» **Stored records**:
═══

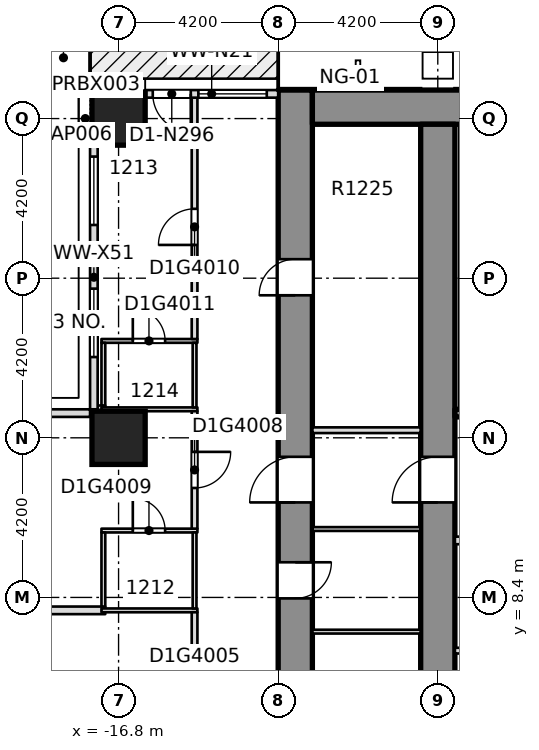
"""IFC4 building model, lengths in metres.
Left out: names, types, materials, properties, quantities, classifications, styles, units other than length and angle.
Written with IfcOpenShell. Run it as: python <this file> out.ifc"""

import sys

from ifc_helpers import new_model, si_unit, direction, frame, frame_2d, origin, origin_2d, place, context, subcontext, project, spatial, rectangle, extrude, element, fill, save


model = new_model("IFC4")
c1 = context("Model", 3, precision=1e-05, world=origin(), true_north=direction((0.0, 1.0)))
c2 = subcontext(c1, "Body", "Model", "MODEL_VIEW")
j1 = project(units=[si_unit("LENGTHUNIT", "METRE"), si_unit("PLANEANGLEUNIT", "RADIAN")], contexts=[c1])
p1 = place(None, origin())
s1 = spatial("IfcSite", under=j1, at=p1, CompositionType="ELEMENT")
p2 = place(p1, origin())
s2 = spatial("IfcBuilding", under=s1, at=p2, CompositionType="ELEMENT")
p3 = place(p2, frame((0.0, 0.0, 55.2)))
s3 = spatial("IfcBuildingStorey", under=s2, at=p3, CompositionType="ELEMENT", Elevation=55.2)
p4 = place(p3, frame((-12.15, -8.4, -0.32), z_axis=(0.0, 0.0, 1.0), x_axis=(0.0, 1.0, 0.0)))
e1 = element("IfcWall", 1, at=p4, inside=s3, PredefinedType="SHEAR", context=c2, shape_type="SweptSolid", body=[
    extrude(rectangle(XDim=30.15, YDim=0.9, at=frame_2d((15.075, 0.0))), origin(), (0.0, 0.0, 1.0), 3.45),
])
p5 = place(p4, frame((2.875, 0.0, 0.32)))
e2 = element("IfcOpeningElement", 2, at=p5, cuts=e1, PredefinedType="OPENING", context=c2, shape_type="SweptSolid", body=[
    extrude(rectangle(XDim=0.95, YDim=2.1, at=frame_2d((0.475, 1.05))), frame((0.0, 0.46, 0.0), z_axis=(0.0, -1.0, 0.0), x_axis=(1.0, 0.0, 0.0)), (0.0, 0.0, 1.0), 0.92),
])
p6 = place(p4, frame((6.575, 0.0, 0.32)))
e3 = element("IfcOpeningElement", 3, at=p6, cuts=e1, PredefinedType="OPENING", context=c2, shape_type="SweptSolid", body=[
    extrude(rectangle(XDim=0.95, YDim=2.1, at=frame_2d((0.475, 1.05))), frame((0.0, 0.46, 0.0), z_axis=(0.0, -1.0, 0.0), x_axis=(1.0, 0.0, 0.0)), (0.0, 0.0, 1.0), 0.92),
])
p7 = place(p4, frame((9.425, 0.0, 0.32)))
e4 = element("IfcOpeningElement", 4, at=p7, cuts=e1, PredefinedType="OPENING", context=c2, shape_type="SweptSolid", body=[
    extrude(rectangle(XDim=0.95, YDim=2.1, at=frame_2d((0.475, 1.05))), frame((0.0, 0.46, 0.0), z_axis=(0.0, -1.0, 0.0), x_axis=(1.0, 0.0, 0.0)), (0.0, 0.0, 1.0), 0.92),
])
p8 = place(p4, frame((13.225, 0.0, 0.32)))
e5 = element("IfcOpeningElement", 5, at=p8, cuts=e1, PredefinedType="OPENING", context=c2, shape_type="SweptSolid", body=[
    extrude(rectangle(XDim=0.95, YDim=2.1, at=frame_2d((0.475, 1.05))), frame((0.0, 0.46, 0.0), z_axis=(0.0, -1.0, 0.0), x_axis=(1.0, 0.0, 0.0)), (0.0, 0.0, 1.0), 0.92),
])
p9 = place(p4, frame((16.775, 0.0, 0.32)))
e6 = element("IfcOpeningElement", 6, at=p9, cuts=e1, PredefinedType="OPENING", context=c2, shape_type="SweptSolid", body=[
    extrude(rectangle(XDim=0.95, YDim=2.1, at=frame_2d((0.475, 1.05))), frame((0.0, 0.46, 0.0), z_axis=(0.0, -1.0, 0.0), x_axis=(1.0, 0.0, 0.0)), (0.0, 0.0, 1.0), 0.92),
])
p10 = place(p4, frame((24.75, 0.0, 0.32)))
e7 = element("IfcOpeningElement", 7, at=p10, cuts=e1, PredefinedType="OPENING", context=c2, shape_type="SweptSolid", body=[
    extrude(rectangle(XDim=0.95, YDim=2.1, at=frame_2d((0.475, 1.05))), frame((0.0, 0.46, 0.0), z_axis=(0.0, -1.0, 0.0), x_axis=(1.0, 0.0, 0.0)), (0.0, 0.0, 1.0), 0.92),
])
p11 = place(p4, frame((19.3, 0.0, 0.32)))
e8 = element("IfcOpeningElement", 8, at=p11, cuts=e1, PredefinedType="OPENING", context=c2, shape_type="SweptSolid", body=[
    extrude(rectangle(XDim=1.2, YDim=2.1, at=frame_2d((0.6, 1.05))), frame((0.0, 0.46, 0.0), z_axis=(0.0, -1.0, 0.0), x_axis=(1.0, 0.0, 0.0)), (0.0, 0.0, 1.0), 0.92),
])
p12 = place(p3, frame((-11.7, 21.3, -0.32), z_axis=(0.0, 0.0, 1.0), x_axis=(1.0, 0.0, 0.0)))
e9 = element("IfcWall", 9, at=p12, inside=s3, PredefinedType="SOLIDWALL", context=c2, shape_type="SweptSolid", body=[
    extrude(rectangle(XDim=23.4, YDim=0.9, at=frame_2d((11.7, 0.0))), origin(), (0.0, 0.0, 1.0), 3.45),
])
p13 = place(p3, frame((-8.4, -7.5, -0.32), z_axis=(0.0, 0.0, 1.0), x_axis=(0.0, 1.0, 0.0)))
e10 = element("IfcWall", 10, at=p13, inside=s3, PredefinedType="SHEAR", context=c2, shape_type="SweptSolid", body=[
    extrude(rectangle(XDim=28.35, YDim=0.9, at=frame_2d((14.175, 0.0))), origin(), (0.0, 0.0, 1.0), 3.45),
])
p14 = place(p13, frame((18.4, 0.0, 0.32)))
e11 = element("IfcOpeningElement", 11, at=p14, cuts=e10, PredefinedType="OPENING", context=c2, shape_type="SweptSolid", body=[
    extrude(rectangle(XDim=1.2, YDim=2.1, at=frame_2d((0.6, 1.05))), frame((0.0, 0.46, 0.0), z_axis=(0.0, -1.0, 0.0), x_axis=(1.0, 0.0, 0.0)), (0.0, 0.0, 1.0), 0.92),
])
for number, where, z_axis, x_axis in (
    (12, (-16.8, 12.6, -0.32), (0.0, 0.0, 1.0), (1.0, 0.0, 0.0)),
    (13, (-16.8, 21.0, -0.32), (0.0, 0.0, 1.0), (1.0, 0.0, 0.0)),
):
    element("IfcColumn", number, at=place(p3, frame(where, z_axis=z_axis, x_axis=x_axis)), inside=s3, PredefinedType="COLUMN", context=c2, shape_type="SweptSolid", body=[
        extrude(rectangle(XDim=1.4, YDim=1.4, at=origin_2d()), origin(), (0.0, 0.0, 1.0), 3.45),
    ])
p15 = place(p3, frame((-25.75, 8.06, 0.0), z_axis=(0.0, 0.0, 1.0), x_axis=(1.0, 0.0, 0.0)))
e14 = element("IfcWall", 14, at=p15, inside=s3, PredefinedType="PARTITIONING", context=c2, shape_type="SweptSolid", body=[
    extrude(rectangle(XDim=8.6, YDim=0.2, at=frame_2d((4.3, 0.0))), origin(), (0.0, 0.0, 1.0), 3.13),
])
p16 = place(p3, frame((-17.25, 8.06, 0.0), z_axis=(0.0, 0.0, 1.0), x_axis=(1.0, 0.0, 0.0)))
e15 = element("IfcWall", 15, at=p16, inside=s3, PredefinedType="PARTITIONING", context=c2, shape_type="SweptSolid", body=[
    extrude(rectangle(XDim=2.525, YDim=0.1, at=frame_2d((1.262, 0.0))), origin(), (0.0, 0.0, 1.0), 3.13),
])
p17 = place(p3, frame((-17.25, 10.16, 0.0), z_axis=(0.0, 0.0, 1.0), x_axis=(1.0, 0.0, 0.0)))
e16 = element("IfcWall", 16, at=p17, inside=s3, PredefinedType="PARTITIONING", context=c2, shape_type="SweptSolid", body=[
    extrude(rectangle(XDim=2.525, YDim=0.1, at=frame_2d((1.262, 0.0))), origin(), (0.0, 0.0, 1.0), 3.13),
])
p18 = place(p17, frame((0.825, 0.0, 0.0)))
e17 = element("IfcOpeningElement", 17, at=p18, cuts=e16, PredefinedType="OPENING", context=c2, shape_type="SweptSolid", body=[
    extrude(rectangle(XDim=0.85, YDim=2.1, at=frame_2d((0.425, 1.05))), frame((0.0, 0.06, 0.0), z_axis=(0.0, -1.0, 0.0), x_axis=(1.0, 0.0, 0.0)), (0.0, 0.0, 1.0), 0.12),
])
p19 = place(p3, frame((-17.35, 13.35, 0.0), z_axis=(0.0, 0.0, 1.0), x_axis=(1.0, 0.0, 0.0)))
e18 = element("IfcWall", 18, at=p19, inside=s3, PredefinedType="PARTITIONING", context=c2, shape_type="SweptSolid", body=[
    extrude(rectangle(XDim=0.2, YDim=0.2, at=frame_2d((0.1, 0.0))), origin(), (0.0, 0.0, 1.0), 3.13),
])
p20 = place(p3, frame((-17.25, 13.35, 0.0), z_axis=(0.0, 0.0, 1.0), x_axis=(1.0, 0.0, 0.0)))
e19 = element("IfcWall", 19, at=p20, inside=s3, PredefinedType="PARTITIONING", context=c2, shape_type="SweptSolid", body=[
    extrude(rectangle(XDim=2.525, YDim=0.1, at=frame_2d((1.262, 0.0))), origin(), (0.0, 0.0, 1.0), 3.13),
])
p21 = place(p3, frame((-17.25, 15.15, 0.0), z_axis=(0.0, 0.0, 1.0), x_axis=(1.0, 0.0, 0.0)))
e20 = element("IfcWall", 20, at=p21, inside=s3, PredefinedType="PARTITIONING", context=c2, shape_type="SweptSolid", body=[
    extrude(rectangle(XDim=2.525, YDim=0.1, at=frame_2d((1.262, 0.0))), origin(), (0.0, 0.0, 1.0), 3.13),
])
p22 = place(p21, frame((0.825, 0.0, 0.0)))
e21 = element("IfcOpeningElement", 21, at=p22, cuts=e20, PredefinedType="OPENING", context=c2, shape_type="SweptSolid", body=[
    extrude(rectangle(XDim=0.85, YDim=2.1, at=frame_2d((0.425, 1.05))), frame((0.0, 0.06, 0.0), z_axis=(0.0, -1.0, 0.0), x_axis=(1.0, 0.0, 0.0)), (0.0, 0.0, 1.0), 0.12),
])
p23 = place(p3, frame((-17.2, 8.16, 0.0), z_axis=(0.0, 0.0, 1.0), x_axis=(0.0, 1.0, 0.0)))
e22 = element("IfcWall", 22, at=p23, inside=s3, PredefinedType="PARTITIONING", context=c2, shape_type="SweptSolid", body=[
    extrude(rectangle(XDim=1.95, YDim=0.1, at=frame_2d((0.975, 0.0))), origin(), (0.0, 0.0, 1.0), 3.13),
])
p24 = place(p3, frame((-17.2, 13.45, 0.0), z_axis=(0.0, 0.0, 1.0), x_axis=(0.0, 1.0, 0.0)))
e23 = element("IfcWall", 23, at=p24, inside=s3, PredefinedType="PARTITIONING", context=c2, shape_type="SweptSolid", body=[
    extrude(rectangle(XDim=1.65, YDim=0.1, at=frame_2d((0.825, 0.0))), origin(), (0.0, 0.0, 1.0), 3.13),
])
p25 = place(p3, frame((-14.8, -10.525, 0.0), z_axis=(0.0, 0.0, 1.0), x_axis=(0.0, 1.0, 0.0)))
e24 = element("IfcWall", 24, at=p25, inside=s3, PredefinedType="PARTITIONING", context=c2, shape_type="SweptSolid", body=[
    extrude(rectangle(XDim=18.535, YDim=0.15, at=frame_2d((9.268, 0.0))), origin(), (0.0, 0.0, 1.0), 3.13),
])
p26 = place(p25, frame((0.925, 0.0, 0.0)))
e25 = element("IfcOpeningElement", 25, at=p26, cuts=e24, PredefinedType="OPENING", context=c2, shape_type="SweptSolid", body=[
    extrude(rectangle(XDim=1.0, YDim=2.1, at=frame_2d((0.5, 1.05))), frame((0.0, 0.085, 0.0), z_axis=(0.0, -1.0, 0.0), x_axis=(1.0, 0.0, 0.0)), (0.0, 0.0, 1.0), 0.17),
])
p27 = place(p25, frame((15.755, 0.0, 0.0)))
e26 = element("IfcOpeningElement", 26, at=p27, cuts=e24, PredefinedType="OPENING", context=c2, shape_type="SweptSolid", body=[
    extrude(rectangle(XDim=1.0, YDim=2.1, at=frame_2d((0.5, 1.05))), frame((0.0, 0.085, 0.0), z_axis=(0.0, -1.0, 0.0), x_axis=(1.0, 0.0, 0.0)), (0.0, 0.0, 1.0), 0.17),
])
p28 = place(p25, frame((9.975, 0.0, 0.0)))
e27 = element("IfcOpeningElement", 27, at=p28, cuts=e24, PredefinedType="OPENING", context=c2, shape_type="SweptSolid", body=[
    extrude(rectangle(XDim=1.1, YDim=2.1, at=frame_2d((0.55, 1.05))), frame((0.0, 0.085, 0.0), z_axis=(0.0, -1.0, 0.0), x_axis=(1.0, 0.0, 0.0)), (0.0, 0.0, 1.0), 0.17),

═══

Pick out the lines above that hold the string "under" and show them.

s1 = spatial("IfcSite", under=j1, at=p1, CompositionType="ELEMENT")
s2 = spatial("IfcBuilding", under=s1, at=p2, CompositionType="ELEMENT")
s3 = spatial("IfcBuildingStorey", under=s2, at=p3, CompositionType="ELEMENT", Elevation=55.2)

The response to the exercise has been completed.